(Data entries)
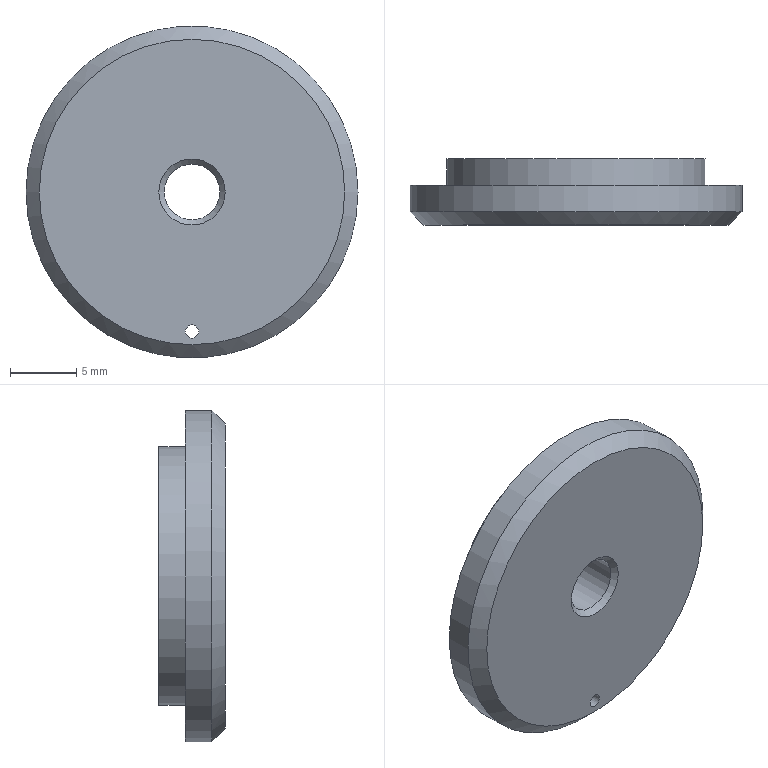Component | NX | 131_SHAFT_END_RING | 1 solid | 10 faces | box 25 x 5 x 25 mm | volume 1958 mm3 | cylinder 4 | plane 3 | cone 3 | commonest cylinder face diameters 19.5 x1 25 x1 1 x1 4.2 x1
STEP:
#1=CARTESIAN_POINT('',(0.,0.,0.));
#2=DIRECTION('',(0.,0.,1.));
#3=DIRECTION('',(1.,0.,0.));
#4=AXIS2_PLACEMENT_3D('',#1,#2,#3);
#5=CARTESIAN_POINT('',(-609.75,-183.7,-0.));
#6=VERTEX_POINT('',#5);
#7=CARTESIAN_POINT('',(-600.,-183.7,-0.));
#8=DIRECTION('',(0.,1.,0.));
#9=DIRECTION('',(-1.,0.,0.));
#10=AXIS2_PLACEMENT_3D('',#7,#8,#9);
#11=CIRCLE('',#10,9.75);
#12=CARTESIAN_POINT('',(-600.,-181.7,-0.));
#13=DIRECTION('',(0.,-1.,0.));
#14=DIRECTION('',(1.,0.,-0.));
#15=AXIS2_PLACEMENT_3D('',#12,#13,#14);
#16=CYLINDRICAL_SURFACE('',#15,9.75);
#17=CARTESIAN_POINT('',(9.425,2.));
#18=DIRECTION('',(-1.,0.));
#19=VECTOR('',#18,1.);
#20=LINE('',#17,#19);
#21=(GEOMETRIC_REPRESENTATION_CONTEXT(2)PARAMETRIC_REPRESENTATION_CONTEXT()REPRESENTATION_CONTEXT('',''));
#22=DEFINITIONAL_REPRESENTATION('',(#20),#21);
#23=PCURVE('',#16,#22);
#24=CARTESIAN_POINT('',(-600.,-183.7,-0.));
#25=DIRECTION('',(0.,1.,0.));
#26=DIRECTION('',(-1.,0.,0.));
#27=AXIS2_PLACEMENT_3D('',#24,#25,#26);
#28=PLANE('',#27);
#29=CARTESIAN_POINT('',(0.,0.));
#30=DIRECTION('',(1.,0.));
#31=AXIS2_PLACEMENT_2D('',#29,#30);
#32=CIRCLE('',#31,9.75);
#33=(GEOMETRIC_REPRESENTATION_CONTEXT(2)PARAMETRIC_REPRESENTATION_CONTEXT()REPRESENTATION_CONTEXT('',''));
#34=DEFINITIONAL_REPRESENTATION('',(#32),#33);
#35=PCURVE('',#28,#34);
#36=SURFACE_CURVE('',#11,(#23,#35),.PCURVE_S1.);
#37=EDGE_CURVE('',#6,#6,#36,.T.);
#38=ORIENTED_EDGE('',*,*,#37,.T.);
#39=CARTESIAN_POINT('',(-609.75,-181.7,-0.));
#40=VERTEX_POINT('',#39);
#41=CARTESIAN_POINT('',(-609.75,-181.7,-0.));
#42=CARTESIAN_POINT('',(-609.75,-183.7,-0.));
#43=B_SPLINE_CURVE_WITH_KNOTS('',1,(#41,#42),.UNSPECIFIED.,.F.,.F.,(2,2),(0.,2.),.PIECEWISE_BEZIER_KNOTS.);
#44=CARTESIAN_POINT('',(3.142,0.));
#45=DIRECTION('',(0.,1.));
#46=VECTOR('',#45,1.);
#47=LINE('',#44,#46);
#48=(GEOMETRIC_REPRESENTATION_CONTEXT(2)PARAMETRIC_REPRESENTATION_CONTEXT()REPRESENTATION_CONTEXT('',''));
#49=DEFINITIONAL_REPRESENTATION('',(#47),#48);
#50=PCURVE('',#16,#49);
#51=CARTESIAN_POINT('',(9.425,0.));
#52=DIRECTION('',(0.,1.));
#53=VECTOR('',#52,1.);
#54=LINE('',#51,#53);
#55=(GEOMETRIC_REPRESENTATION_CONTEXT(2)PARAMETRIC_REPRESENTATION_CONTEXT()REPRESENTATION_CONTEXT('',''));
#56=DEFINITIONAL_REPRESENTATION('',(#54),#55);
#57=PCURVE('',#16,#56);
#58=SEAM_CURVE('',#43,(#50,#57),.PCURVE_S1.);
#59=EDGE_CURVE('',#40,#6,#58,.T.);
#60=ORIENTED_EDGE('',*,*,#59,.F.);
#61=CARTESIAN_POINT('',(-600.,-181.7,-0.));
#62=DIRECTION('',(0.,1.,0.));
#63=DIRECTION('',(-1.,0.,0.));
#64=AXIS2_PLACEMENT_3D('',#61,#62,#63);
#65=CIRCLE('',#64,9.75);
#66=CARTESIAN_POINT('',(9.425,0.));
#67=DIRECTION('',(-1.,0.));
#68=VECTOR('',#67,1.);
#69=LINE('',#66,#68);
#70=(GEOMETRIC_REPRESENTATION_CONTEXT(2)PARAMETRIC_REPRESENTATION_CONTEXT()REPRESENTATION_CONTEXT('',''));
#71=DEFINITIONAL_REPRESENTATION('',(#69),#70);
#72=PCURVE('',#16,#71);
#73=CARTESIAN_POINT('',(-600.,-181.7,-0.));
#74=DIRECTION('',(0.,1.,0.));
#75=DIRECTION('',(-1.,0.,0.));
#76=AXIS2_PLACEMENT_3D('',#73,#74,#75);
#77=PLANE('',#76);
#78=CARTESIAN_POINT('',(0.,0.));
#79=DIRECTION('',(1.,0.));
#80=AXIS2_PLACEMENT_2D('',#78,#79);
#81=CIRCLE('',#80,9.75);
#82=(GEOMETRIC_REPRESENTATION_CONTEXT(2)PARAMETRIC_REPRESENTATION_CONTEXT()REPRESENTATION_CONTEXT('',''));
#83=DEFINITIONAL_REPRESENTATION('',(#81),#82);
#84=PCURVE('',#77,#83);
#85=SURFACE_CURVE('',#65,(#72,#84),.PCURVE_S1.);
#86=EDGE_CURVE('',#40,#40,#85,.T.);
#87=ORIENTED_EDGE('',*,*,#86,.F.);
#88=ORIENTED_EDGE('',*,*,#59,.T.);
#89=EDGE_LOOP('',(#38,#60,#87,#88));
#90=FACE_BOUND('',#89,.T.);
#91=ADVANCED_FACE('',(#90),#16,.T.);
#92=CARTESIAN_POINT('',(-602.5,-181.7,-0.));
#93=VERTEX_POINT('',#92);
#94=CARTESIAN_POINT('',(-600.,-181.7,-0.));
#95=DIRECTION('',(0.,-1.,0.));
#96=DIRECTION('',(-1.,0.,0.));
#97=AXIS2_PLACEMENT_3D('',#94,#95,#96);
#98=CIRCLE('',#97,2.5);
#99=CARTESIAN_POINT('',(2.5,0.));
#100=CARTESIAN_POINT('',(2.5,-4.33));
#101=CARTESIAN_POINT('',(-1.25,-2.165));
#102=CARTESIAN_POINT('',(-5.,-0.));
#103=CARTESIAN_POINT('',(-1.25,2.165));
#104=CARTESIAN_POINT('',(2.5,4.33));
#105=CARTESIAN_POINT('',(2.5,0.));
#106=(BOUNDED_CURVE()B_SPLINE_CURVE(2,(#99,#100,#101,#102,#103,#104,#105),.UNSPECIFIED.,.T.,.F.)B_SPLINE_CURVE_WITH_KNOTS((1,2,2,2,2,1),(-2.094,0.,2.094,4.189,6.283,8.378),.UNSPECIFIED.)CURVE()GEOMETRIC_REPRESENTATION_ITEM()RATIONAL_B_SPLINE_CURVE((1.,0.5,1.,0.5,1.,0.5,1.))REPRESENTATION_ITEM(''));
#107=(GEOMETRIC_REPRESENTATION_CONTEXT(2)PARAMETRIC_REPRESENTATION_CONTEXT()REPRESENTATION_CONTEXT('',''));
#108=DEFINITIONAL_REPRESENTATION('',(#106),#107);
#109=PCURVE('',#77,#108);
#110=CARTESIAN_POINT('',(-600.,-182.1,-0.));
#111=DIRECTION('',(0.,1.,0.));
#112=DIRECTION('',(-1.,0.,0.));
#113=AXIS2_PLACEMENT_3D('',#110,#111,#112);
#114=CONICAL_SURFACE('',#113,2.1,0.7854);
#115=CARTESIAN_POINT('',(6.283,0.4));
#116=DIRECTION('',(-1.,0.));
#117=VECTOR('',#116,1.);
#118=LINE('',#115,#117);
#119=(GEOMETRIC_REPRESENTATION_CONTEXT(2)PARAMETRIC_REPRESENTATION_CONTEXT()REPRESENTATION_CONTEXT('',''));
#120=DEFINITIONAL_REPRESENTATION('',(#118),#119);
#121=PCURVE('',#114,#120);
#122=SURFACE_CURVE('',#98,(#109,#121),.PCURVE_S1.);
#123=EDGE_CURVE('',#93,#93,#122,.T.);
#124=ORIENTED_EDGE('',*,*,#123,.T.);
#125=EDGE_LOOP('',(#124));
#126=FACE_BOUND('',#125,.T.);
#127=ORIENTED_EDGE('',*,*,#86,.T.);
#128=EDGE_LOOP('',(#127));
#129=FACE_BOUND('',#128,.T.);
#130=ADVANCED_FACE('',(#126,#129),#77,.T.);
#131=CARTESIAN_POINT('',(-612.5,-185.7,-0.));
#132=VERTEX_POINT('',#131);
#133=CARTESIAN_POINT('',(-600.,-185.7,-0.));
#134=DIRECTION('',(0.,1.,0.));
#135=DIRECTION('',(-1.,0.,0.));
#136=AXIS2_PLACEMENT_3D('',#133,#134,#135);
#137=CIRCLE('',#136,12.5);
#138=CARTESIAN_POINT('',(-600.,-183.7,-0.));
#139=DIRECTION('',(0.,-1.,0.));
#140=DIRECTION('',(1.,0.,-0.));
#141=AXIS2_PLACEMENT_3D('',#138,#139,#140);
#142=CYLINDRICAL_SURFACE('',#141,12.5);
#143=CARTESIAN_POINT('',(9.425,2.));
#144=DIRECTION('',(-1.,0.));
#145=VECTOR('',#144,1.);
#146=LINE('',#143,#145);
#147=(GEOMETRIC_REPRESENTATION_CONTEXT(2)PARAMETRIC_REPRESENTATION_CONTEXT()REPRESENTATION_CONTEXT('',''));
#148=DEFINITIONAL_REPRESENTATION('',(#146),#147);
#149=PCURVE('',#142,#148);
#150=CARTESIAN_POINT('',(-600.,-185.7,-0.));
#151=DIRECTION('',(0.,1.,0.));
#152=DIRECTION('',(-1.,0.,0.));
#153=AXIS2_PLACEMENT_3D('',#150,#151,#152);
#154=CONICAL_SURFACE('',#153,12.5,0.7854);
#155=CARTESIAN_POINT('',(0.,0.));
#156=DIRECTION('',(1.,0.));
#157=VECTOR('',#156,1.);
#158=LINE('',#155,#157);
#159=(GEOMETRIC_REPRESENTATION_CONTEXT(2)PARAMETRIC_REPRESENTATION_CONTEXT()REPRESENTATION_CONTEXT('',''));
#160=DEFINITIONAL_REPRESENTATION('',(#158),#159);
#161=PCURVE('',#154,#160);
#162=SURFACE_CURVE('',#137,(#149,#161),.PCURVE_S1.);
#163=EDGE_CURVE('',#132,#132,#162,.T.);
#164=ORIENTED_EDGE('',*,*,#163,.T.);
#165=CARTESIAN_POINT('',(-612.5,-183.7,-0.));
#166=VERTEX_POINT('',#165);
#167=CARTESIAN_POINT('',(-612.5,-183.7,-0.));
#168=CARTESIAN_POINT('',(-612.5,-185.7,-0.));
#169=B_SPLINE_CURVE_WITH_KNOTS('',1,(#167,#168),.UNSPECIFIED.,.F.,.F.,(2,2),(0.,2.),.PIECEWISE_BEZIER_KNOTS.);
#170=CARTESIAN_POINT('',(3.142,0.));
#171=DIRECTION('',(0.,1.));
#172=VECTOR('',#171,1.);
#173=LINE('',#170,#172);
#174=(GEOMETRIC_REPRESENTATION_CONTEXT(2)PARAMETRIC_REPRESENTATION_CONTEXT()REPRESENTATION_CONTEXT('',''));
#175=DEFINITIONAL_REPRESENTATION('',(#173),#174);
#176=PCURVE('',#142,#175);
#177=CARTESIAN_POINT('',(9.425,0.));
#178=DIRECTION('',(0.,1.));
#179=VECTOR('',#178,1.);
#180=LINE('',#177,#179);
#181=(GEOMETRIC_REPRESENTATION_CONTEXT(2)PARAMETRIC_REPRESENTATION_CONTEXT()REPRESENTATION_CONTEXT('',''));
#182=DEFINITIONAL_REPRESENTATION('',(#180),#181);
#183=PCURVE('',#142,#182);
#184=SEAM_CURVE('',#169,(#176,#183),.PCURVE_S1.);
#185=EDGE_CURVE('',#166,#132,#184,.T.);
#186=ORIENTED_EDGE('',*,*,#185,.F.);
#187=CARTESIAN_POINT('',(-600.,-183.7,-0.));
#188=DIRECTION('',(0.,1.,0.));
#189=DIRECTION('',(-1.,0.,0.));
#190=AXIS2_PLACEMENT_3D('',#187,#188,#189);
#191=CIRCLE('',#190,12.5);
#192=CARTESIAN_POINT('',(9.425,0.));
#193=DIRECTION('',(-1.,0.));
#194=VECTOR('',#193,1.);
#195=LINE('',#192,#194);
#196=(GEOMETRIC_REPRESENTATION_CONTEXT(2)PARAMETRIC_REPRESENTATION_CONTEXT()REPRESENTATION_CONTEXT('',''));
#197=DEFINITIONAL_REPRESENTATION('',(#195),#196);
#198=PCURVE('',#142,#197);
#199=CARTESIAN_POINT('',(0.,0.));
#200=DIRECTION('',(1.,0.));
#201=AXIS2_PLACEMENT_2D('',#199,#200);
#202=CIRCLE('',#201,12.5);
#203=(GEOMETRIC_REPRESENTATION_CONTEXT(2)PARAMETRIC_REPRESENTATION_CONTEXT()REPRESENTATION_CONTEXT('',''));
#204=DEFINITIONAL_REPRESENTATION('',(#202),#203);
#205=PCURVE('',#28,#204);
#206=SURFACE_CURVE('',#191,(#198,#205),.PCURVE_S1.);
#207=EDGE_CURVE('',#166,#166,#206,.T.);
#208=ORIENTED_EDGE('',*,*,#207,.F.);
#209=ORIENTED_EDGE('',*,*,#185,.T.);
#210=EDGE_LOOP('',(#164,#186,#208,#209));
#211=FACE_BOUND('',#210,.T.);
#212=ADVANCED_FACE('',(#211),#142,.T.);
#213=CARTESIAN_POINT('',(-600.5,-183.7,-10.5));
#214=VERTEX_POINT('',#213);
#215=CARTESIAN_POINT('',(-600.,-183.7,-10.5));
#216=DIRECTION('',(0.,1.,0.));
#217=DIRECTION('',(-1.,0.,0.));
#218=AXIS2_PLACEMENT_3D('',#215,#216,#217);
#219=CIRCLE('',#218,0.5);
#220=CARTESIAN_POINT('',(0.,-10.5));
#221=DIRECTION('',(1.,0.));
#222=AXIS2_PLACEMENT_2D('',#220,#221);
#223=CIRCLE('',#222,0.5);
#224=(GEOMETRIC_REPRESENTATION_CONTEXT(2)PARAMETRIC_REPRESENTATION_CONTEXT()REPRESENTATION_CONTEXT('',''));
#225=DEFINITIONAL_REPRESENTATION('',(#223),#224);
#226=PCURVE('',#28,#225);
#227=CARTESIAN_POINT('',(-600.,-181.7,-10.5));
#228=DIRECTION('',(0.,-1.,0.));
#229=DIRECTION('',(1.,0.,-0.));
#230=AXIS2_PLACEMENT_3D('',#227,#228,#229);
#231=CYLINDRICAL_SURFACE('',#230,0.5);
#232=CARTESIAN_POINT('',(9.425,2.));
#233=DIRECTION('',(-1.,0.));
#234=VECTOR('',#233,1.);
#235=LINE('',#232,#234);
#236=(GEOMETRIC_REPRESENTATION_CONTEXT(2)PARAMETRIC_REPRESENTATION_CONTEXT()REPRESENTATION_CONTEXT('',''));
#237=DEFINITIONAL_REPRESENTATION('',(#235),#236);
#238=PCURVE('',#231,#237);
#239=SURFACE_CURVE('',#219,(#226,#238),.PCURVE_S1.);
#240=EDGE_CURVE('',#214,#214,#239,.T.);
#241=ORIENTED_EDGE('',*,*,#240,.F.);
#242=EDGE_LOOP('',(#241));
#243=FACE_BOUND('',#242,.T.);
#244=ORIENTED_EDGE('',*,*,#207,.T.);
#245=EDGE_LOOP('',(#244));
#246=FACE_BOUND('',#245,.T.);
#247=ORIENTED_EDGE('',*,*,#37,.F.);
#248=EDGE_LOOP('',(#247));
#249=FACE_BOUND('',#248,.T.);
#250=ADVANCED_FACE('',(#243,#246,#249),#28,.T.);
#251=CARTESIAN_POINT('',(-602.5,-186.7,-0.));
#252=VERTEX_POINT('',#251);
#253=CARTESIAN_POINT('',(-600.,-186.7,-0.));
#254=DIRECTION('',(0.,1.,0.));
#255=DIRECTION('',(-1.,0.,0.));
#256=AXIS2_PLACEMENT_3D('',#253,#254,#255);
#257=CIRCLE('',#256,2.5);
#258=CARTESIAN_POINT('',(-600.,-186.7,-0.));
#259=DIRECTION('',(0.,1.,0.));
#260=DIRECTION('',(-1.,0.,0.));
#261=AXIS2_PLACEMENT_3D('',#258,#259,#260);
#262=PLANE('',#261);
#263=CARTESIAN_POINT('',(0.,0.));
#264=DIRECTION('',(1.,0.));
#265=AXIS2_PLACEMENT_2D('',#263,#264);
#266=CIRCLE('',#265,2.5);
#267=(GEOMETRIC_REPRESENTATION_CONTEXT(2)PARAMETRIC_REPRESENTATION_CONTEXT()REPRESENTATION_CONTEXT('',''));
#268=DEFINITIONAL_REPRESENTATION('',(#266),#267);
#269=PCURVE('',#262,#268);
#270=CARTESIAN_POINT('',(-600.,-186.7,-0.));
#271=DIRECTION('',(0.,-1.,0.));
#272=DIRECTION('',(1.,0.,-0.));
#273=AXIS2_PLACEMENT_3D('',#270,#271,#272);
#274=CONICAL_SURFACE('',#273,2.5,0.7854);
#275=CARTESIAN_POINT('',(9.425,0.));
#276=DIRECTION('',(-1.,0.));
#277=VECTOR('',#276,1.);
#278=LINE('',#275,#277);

> _WHAT THE EXERCISE ASKS_: Take the entries above and return only the lines from the one with "#152=DIRECTION('',(-1.,0.,0.));" to the one with "#180=LINE('',#177,#179);", both included, unchanged.

> _TASK OUTPUT_:
#152=DIRECTION('',(-1.,0.,0.));
#153=AXIS2_PLACEMENT_3D('',#150,#151,#152);
#154=CONICAL_SURFACE('',#153,12.5,0.7854);
#155=CARTESIAN_POINT('',(0.,0.));
#156=DIRECTION('',(1.,0.));
#157=VECTOR('',#156,1.);
#158=LINE('',#155,#157);
#159=(GEOMETRIC_REPRESENTATION_CONTEXT(2)PARAMETRIC_REPRESENTATION_CONTEXT()REPRESENTATION_CONTEXT('',''));
#160=DEFINITIONAL_REPRESENTATION('',(#158),#159);
#161=PCURVE('',#154,#160);
#162=SURFACE_CURVE('',#137,(#149,#161),.PCURVE_S1.);
#163=EDGE_CURVE('',#132,#132,#162,.T.);
#164=ORIENTED_EDGE('',*,*,#163,.T.);
#165=CARTESIAN_POINT('',(-612.5,-183.7,-0.));
#166=VERTEX_POINT('',#165);
#167=CARTESIAN_POINT('',(-612.5,-183.7,-0.));
#168=CARTESIAN_POINT('',(-612.5,-185.7,-0.));
#169=B_SPLINE_CURVE_WITH_KNOTS('',1,(#167,#168),.UNSPECIFIED.,.F.,.F.,(2,2),(0.,2.),.PIECEWISE_BEZIER_KNOTS.);
#170=CARTESIAN_POINT('',(3.142,0.));
#171=DIRECTION('',(0.,1.));
#172=VECTOR('',#171,1.);
#173=LINE('',#170,#172);
#174=(GEOMETRIC_REPRESENTATION_CONTEXT(2)PARAMETRIC_REPRESENTATION_CONTEXT()REPRESENTATION_CONTEXT('',''));
#175=DEFINITIONAL_REPRESENTATION('',(#173),#174);
#176=PCURVE('',#142,#175);
#177=CARTESIAN_POINT('',(9.425,0.));
#178=DIRECTION('',(0.,1.));
#179=VECTOR('',#178,1.);
#180=LINE('',#177,#179);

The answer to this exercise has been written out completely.